**Aim of the task:**
In the records that follow, find the line with "#45=DIRECTION('',(0.,0.,1.));"; from there, retype every line exactly through the line with "#53=DIRECTION('',(1.,0.,0.));", which also belongs to the answer.
BEGIN Entries shown
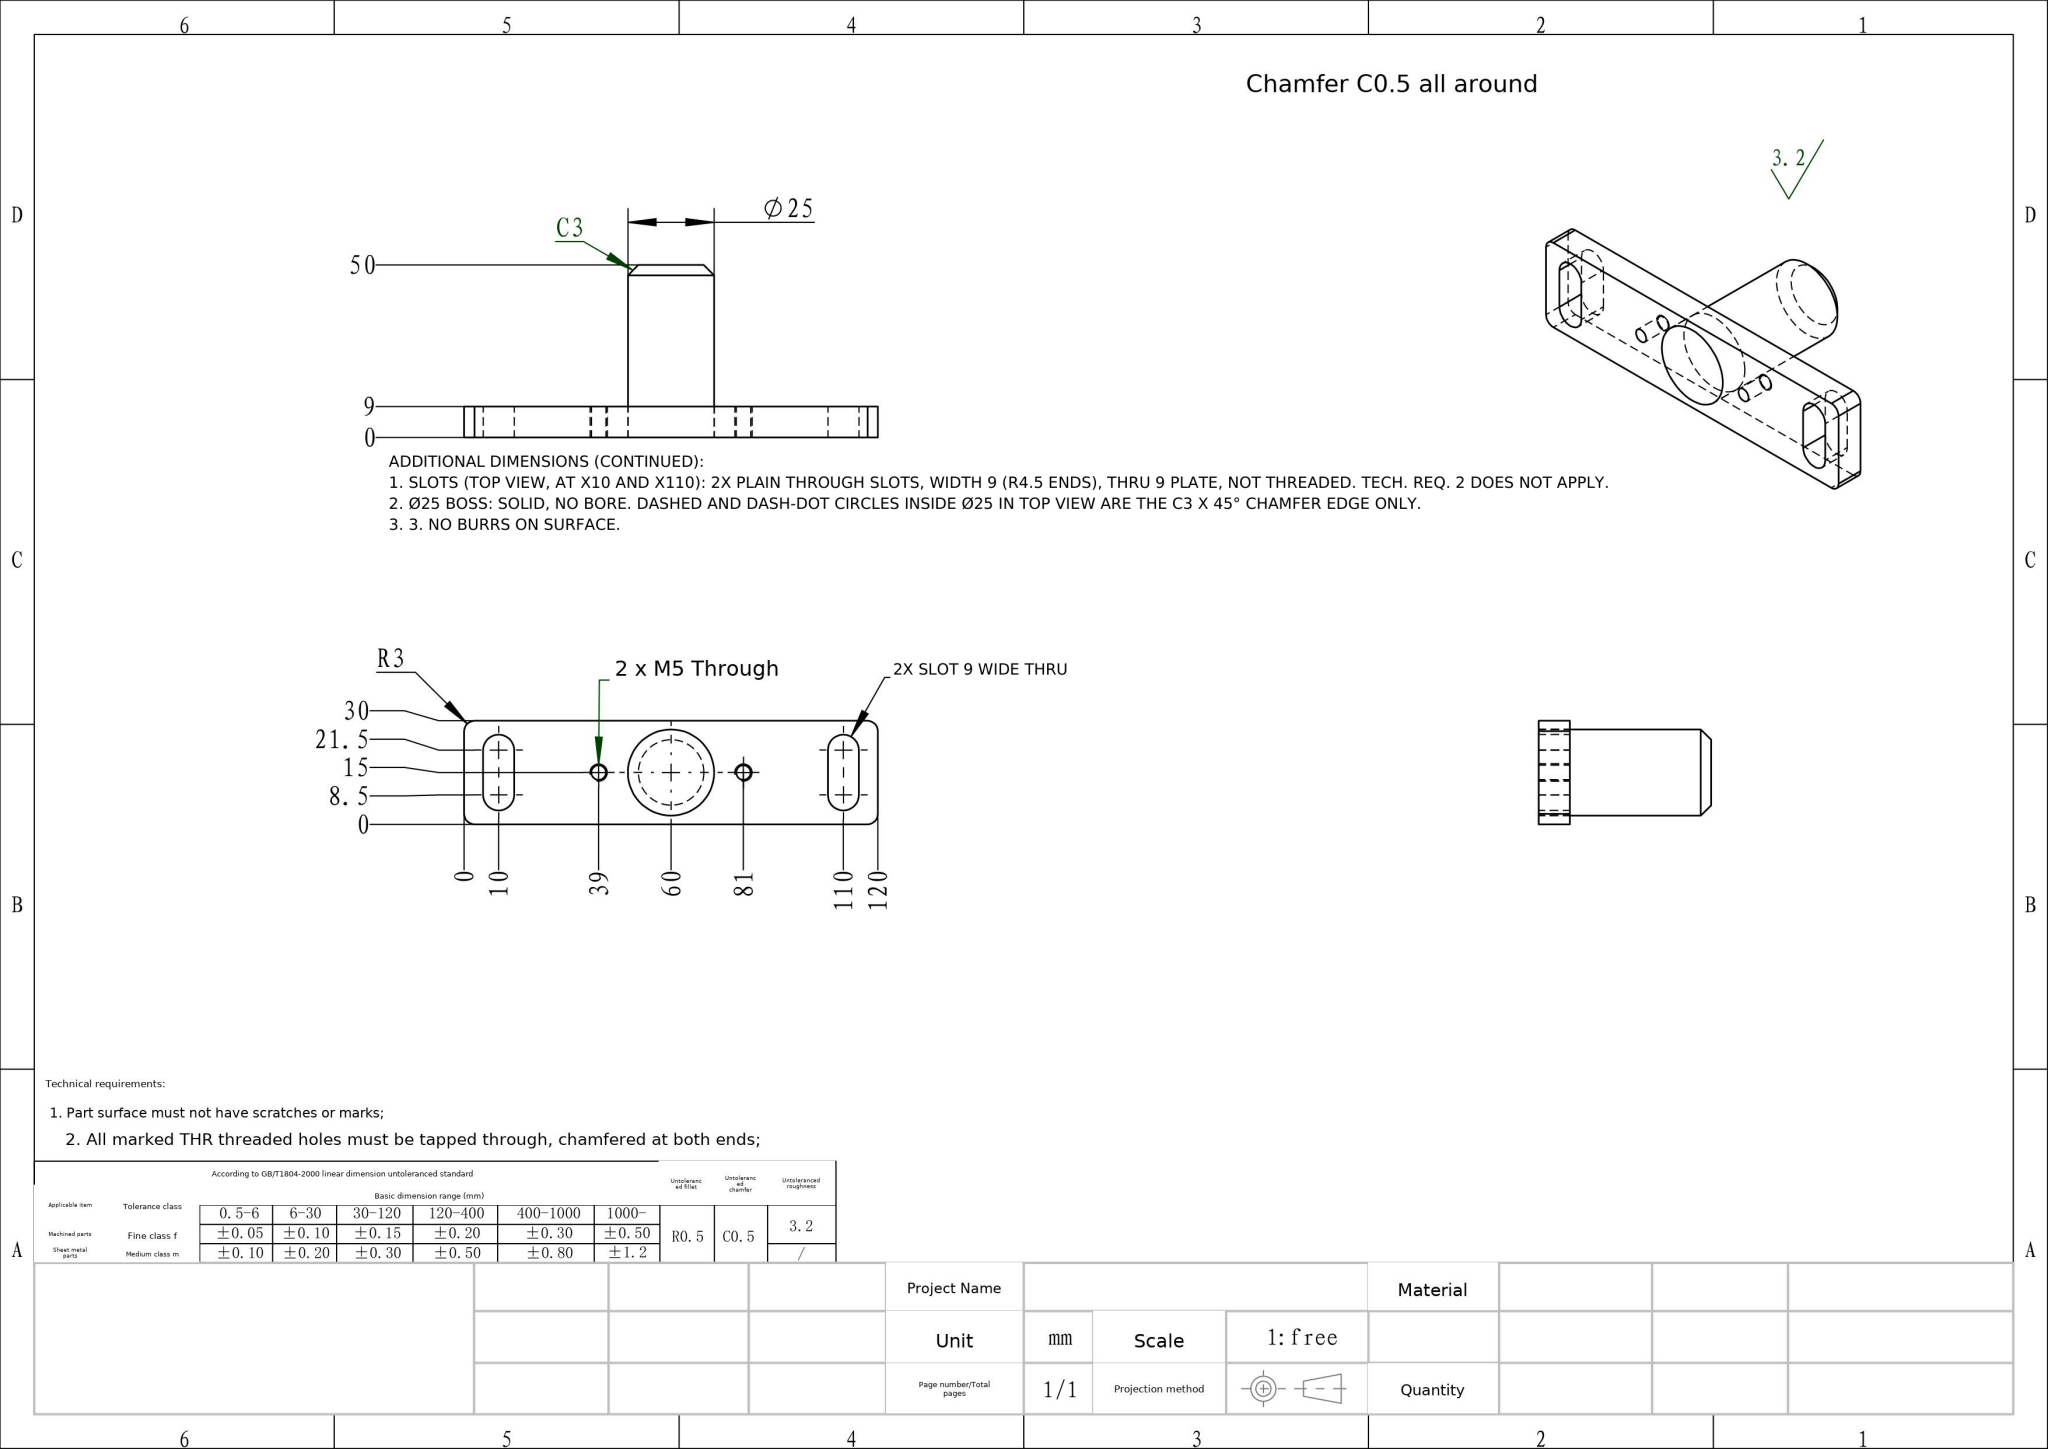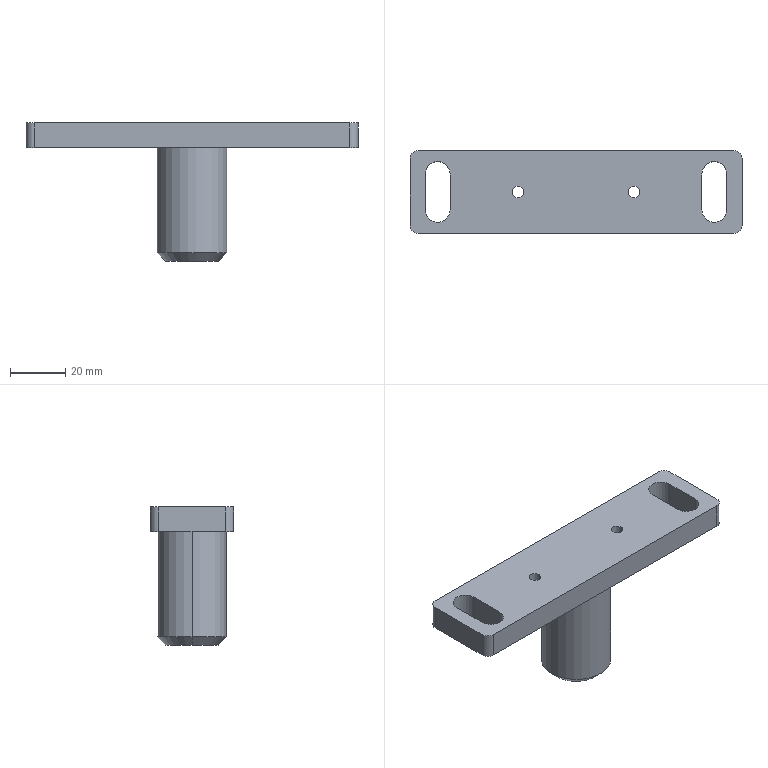Part | NX | mm | 1 solid | 27 faces | box 120 x 30 x 50 mm | volume 48631 mm3 | cylinder 14 | plane 11 | cone 2 | commonest cylinder face diameters 4.2 x4 6 x4 9 x4 25 x2
STEP:
#1=COLOUR_RGB('',0.7922,0.8196,0.9333);
#2=FILL_AREA_STYLE_COLOUR('',#1);
#3=FILL_AREA_STYLE('',(#2));
#4=SURFACE_STYLE_FILL_AREA(#3);
#5=SURFACE_SIDE_STYLE('',(#4));
#6=SURFACE_STYLE_USAGE(.BOTH.,#5);
#7=PRESENTATION_STYLE_ASSIGNMENT((#6));
#8=CARTESIAN_POINT('',(-9.5,0.,-45.5));
#9=VERTEX_POINT('',#8);
#10=CARTESIAN_POINT('',(-12.5,0.,-42.5));
#11=VERTEX_POINT('',#10);
#12=CARTESIAN_POINT('',(-12.5,0.,-42.5));
#13=DIRECTION('',(-0.7071,0.,0.7071));
#14=VECTOR('',#13,1000.);
#15=LINE('',#12,#14);
#16=EDGE_CURVE('',#9,#11,#15,.T.);
#17=ORIENTED_EDGE('',*,*,#16,.F.);
#18=CARTESIAN_POINT('',(9.5,0.,-45.5));
#19=VERTEX_POINT('',#18);
#20=CARTESIAN_POINT('',(0.,0.,-45.5));
#21=DIRECTION('',(0.,0.,-1.));
#22=DIRECTION('',(1.,0.,0.));
#23=AXIS2_PLACEMENT_3D('',#20,#21,#22);
#24=CIRCLE('',#23,9.5);
#25=EDGE_CURVE('',#19,#9,#24,.T.);
#26=ORIENTED_EDGE('',*,*,#25,.F.);
#27=CARTESIAN_POINT('',(12.5,0.,-42.5));
#28=VERTEX_POINT('',#27);
#29=CARTESIAN_POINT('',(12.5,0.,-42.5));
#30=DIRECTION('',(0.7071,0.,0.7071));
#31=VECTOR('',#30,1000.);
#32=LINE('',#29,#31);
#33=EDGE_CURVE('',#19,#28,#32,.T.);
#34=ORIENTED_EDGE('',*,*,#33,.T.);
#35=CARTESIAN_POINT('',(0.,0.,-42.5));
#36=DIRECTION('',(0.,0.,1.));
#37=DIRECTION('',(1.,0.,0.));
#38=AXIS2_PLACEMENT_3D('',#35,#36,#37);
#39=CIRCLE('',#38,12.5);
#40=EDGE_CURVE('',#11,#28,#39,.T.);
#41=ORIENTED_EDGE('',*,*,#40,.F.);
#42=EDGE_LOOP('',(#17,#26,#34,#41));
#43=FACE_OUTER_BOUND('',#42,.T.);
#44=CARTESIAN_POINT('',(0.,0.,-42.5));
#45=DIRECTION('',(0.,0.,1.));
#46=DIRECTION('',(1.,0.,0.));
#47=AXIS2_PLACEMENT_3D('',#44,#45,#46);
#48=CONICAL_SURFACE('',#47,12.5,0.7854);
#49=ADVANCED_FACE('',(#43),#48,.T.);
#50=ORIENTED_EDGE('',*,*,#25,.T.);
#51=CARTESIAN_POINT('',(0.,0.,-45.5));
#52=DIRECTION('',(0.,0.,-1.));
#53=DIRECTION('',(1.,0.,0.));
#54=AXIS2_PLACEMENT_3D('',#51,#52,#53);
#55=CIRCLE('',#54,9.5);
#56=EDGE_CURVE('',#9,#19,#55,.T.);
#57=ORIENTED_EDGE('',*,*,#56,.T.);
#58=EDGE_LOOP('',(#50,#57));
#59=FACE_OUTER_BOUND('',#58,.T.);
#60=CARTESIAN_POINT('',(0.,0.,-45.5));
#61=DIRECTION('',(0.,0.,1.));
#62=DIRECTION('',(1.,0.,0.));
#63=AXIS2_PLACEMENT_3D('',#60,#61,#62);
#64=PLANE('',#63);
#65=ADVANCED_FACE('',(#59),#64,.F.);
#66=CARTESIAN_POINT('',(-12.5,0.,-4.5));
#67=VERTEX_POINT('',#66);
#68=CARTESIAN_POINT('',(12.5,0.,-4.5));
#69=VERTEX_POINT('',#68);
#70=CARTESIAN_POINT('',(0.,0.,-4.5));
#71=DIRECTION('',(0.,0.,1.));
#72=DIRECTION('',(1.,0.,0.));
#73=AXIS2_PLACEMENT_3D('',#70,#71,#72);
#74=CIRCLE('',#73,12.5);
#75=EDGE_CURVE('',#67,#69,#74,.T.);
#76=ORIENTED_EDGE('',*,*,#75,.F.);
#77=CARTESIAN_POINT('',(-12.5,0.,-45.5));
#78=DIRECTION('',(0.,0.,1.));
#79=VECTOR('',#78,1000.);
#80=LINE('',#77,#79);
#81=EDGE_CURVE('',#11,#67,#80,.T.);
#82=ORIENTED_EDGE('',*,*,#81,.F.);
#83=ORIENTED_EDGE('',*,*,#40,.T.);
#84=CARTESIAN_POINT('',(12.5,0.,-45.5));
#85=DIRECTION('',(0.,0.,1.));
#86=VECTOR('',#85,1000.);
#87=LINE('',#84,#86);
#88=EDGE_CURVE('',#28,#69,#87,.T.);
#89=ORIENTED_EDGE('',*,*,#88,.T.);
#90=EDGE_LOOP('',(#76,#82,#83,#89));
#91=FACE_OUTER_BOUND('',#90,.T.);
#92=CARTESIAN_POINT('',(0.,0.,-45.5));
#93=DIRECTION('',(0.,0.,1.));
#94=DIRECTION('',(1.,0.,0.));
#95=AXIS2_PLACEMENT_3D('',#92,#93,#94);
#96=CYLINDRICAL_SURFACE('',#95,12.5);
#97=ADVANCED_FACE('',(#91),#96,.T.);
#98=CARTESIAN_POINT('',(0.,0.,-4.5));
#99=DIRECTION('',(0.,0.,1.));
#100=DIRECTION('',(1.,0.,0.));
#101=AXIS2_PLACEMENT_3D('',#98,#99,#100);
#102=CIRCLE('',#101,12.5);
#103=EDGE_CURVE('',#69,#67,#102,.T.);
#104=ORIENTED_EDGE('',*,*,#103,.F.);
#105=ORIENTED_EDGE('',*,*,#88,.F.);
#106=CARTESIAN_POINT('',(0.,0.,-42.5));
#107=DIRECTION('',(0.,0.,1.));
#108=DIRECTION('',(1.,0.,0.));
#109=AXIS2_PLACEMENT_3D('',#106,#107,#108);
#110=CIRCLE('',#109,12.5);
#111=EDGE_CURVE('',#28,#11,#110,.T.);
#112=ORIENTED_EDGE('',*,*,#111,.T.);
#113=ORIENTED_EDGE('',*,*,#81,.T.);
#114=EDGE_LOOP('',(#104,#105,#112,#113));
#115=FACE_OUTER_BOUND('',#114,.T.);
#116=CARTESIAN_POINT('',(0.,0.,-45.5));
#117=DIRECTION('',(0.,0.,1.));
#118=DIRECTION('',(1.,0.,0.));
#119=AXIS2_PLACEMENT_3D('',#116,#117,#118);
#120=CYLINDRICAL_SURFACE('',#119,12.5);
#121=ADVANCED_FACE('',(#115),#120,.T.);
#122=ORIENTED_EDGE('',*,*,#56,.F.);
#123=ORIENTED_EDGE('',*,*,#16,.T.);
#124=ORIENTED_EDGE('',*,*,#111,.F.);
#125=ORIENTED_EDGE('',*,*,#33,.F.);
#126=EDGE_LOOP('',(#122,#123,#124,#125));
#127=FACE_OUTER_BOUND('',#126,.T.);
#128=CARTESIAN_POINT('',(0.,0.,-42.5));
#129=DIRECTION('',(0.,0.,1.));
#130=DIRECTION('',(1.,0.,0.));
#131=AXIS2_PLACEMENT_3D('',#128,#129,#130);
#132=CONICAL_SURFACE('',#131,12.5,0.7854);
#133=ADVANCED_FACE('',(#127),#132,.T.);
#134=CARTESIAN_POINT('',(23.1,-0.,4.5));
#135=VERTEX_POINT('',#134);
#136=CARTESIAN_POINT('',(23.1,-0.,-4.5));
#137=VERTEX_POINT('',#136);
#138=CARTESIAN_POINT('',(23.1,-0.,-4.5));
#139=DIRECTION('',(0.,0.,-1.));
#140=VECTOR('',#139,1000.);
#141=LINE('',#138,#140);
#142=EDGE_CURVE('',#135,#137,#141,.T.);
#143=ORIENTED_EDGE('',*,*,#142,.F.);
#144=CARTESIAN_POINT('',(18.9,-0.,4.5));
#145=VERTEX_POINT('',#144);
#146=CARTESIAN_POINT('',(21.,-0.,4.5));
#147=DIRECTION('',(0.,0.,-1.));
#148=DIRECTION('',(-1.,0.,0.));
#149=AXIS2_PLACEMENT_3D('',#146,#147,#148);
#150=CIRCLE('',#149,2.1);
#151=EDGE_CURVE('',#145,#135,#150,.T.);
#152=ORIENTED_EDGE('',*,*,#151,.F.);
#153=CARTESIAN_POINT('',(18.9,-0.,-4.5));
#154=VERTEX_POINT('',#153);
#155=CARTESIAN_POINT('',(18.9,-0.,-4.5));
#156=DIRECTION('',(0.,0.,-1.));
#157=VECTOR('',#156,1000.);
#158=LINE('',#155,#157);
#159=EDGE_CURVE('',#145,#154,#158,.T.);
#160=ORIENTED_EDGE('',*,*,#159,.T.);
#161=CARTESIAN_POINT('',(21.,-0.,-4.5));
#162=DIRECTION('',(0.,0.,-1.));
#163=DIRECTION('',(-1.,0.,0.));
#164=AXIS2_PLACEMENT_3D('',#161,#162,#163);
#165=CIRCLE('',#164,2.1);
#166=EDGE_CURVE('',#154,#137,#165,.T.);
#167=ORIENTED_EDGE('',*,*,#166,.T.);
#168=EDGE_LOOP('',(#143,#152,#160,#167));
#169=FACE_OUTER_BOUND('',#168,.T.);
#170=CARTESIAN_POINT('',(21.,-0.,-4.5));
#171=DIRECTION('',(0.,0.,-1.));
#172=DIRECTION('',(-1.,0.,0.));
#173=AXIS2_PLACEMENT_3D('',#170,#171,#172);
#174=CYLINDRICAL_SURFACE('',#173,2.1);
#175=ADVANCED_FACE('',(#169),#174,.F.);
#176=CARTESIAN_POINT('',(-18.9,0.,4.5));
#177=VERTEX_POINT('',#176);
#178=CARTESIAN_POINT('',(-18.9,0.,-4.5));
#179=VERTEX_POINT('',#178);
#180=CARTESIAN_POINT('',(-18.9,0.,-4.5));
#181=DIRECTION('',(0.,0.,-1.));
#182=VECTOR('',#181,1000.);
#183=LINE('',#180,#182);
#184=EDGE_CURVE('',#177,#179,#183,.T.);
#185=ORIENTED_EDGE('',*,*,#184,.F.);
#186=CARTESIAN_POINT('',(-23.1,0.,4.5));
#187=VERTEX_POINT('',#186);
#188=CARTESIAN_POINT('',(-21.,0.,4.5));
#189=DIRECTION('',(0.,0.,-1.));
#190=DIRECTION('',(-1.,0.,0.));
#191=AXIS2_PLACEMENT_3D('',#188,#189,#190);
#192=CIRCLE('',#191,2.1);
#193=EDGE_CURVE('',#187,#177,#192,.T.);
#194=ORIENTED_EDGE('',*,*,#193,.F.);
#195=CARTESIAN_POINT('',(-23.1,0.,-4.5));
#196=VERTEX_POINT('',#195);
#197=CARTESIAN_POINT('',(-23.1,0.,-4.5));
#198=DIRECTION('',(0.,0.,-1.));
#199=VECTOR('',#198,1000.);
#200=LINE('',#197,#199);
#201=EDGE_CURVE('',#187,#196,#200,.T.);
#202=ORIENTED_EDGE('',*,*,#201,.T.);
#203=CARTESIAN_POINT('',(-21.,0.,-4.5));
#204=DIRECTION('',(0.,0.,-1.));
#205=DIRECTION('',(-1.,0.,0.));
#206=AXIS2_PLACEMENT_3D('',#203,#204,#205);
#207=CIRCLE('',#206,2.1);
#208=EDGE_CURVE('',#196,#179,#207,.T.);
#209=ORIENTED_EDGE('',*,*,#208,.T.);
#210=EDGE_LOOP('',(#185,#194,#202,#209));
#211=FACE_OUTER_BOUND('',#210,.T.);
#212=CARTESIAN_POINT('',(-21.,0.,-4.5));
#213=DIRECTION('',(0.,0.,-1.));
#214=DIRECTION('',(-1.,0.,0.));
#215=AXIS2_PLACEMENT_3D('',#212,#213,#214);
#216=CYLINDRICAL_SURFACE('',#215,2.1);
#217=ADVANCED_FACE('',(#211),#216,.F.);
#218=CARTESIAN_POINT('',(60.,12.,4.5));
#219=VERTEX_POINT('',#218);
#220=CARTESIAN_POINT('',(57.,15.,4.5));
#221=VERTEX_POINT('',#220);
#222=CARTESIAN_POINT('',(57.,12.,4.5));
#223=DIRECTION('',(0.,0.,1.));
#224=DIRECTION('',(-1.,0.,0.));
#225=AXIS2_PLACEMENT_3D('',#222,#223,#224);
#226=CIRCLE('',#225,3.);
#227=EDGE_CURVE('',#219,#221,#226,.T.);
#228=ORIENTED_EDGE('',*,*,#227,.F.);
#229=CARTESIAN_POINT('',(60.,12.,-4.5));
#230=VERTEX_POINT('',#229);
#231=CARTESIAN_POINT('',(60.,12.,4.5));
#232=DIRECTION('',(0.,0.,1.));
#233=VECTOR('',#232,1000.);
#234=LINE('',#231,#233);
#235=EDGE_CURVE('',#230,#219,#234,.T.);
#236=ORIENTED_EDGE('',*,*,#235,.F.);
#237=CARTESIAN_POINT('',(57.,15.,-4.5));
#238=VERTEX_POINT('',#237);
#239=CARTESIAN_POINT('',(57.,12.,-4.5));
#240=DIRECTION('',(0.,0.,-1.));
#241=DIRECTION('',(-1.,0.,0.));
#242=AXIS2_PLACEMENT_3D('',#239,#240,#241);
#243=CIRCLE('',#242,3.);
#244=EDGE_CURVE('',#238,#230,#243,.T.);
#245=ORIENTED_EDGE('',*,*,#244,.F.);
#246=CARTESIAN_POINT('',(57.,15.,4.5));
#247=DIRECTION('',(0.,0.,-1.));
#248=VECTOR('',#247,1000.);
#249=LINE('',#246,#248);
#250=EDGE_CURVE('',#221,#238,#249,.T.);
#251=ORIENTED_EDGE('',*,*,#250,.F.);
#252=EDGE_LOOP('',(#228,#236,#245,#251));
#253=FACE_OUTER_BOUND('',#252,.T.);
#254=CARTESIAN_POINT('',(57.,12.,4.5));
#255=DIRECTION('',(0.,0.,-1.));
#256=DIRECTION('',(-1.,0.,0.));
#257=AXIS2_PLACEMENT_3D('',#254,#255,#256);
#258=CYLINDRICAL_SURFACE('',#257,3.);
#259=ADVANCED_FACE('',(#253),#258,.T.);
#260=CARTESIAN_POINT('',(57.,-15.,4.5));
#261=VERTEX_POINT('',#260);
#262=CARTESIAN_POINT('',(60.,-12.,4.5));
#263=VERTEX_POINT('',#262);
#264=CARTESIAN_POINT('',(57.,-12.,4.5));
#265=DIRECTION('',(0.,0.,1.));
#266=DIRECTION('',(-1.,0.,0.));
#267=AXIS2_PLACEMENT_3D('',#264,#265,#266);
#268=CIRCLE('',#267,3.);
#269=EDGE_CURVE('',#261,#263,#268,.T.);
#270=ORIENTED_EDGE('',*,*,#269,.F.);
#271=CARTESIAN_POINT('',(57.,-15.,-4.5));
#272=VERTEX_POINT('',#271);
#273=CARTESIAN_POINT('',(57.,-15.,4.5));
#274=DIRECTION('',(0.,0.,1.));
#275=VECTOR('',#274,1000.);
#276=LINE('',#273,#275);
#277=EDGE_CURVE('',#272,#261,#276,.T.);
#278=ORIENTED_EDGE('',*,*,#277,.F.);
#279=CARTESIAN_POINT('',(60.,-12.,-4.5));
#280=VERTEX_POINT('',#279);
#281=CARTESIAN_POINT('',(57.,-12.,-4.5));
#282=DIRECTION('',(0.,0.,-1.));
#283=DIRECTION('',(-1.,0.,0.));
#284=AXIS2_PLACEMENT_3D('',#281,#282,#283);
#285=CIRCLE('',#284,3.);
#286=EDGE_CURVE('',#280,#272,#285,.T.);
#287=ORIENTED_EDGE('',*,*,#286,.F.);
#288=CARTESIAN_POINT('',(60.,-12.,4.5));
#289=DIRECTION('',(0.,0.,-1.));
#290=VECTOR('',#289,1000.);
#291=LINE('',#288,#290);
#292=EDGE_CURVE('',#263,#280,#291,.T.);
#293=ORIENTED_EDGE('',*,*,#292,.F.);
#294=EDGE_LOOP('',(#270,#278,#287,#293));
#295=FACE_OUTER_BOUND('',#294,.T.);
#296=CARTESIAN_POINT('',(57.,-12.,4.5));
#297=DIRECTION('',(0.,0.,-1.));
#298=DIRECTION('',(-1.,0.,0.));
#299=AXIS2_PLACEMENT_3D('',#296,#297,#298);
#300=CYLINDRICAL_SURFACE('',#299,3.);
END Entries shown
**Task answer:**
#45=DIRECTION('',(0.,0.,1.));
#46=DIRECTION('',(1.,0.,0.));
#47=AXIS2_PLACEMENT_3D('',#44,#45,#46);
#48=CONICAL_SURFACE('',#47,12.5,0.7854);
#49=ADVANCED_FACE('',(#43),#48,.T.);
#50=ORIENTED_EDGE('',*,*,#25,.T.);
#51=CARTESIAN_POINT('',(0.,0.,-45.5));
#52=DIRECTION('',(0.,0.,-1.));
#53=DIRECTION('',(1.,0.,0.));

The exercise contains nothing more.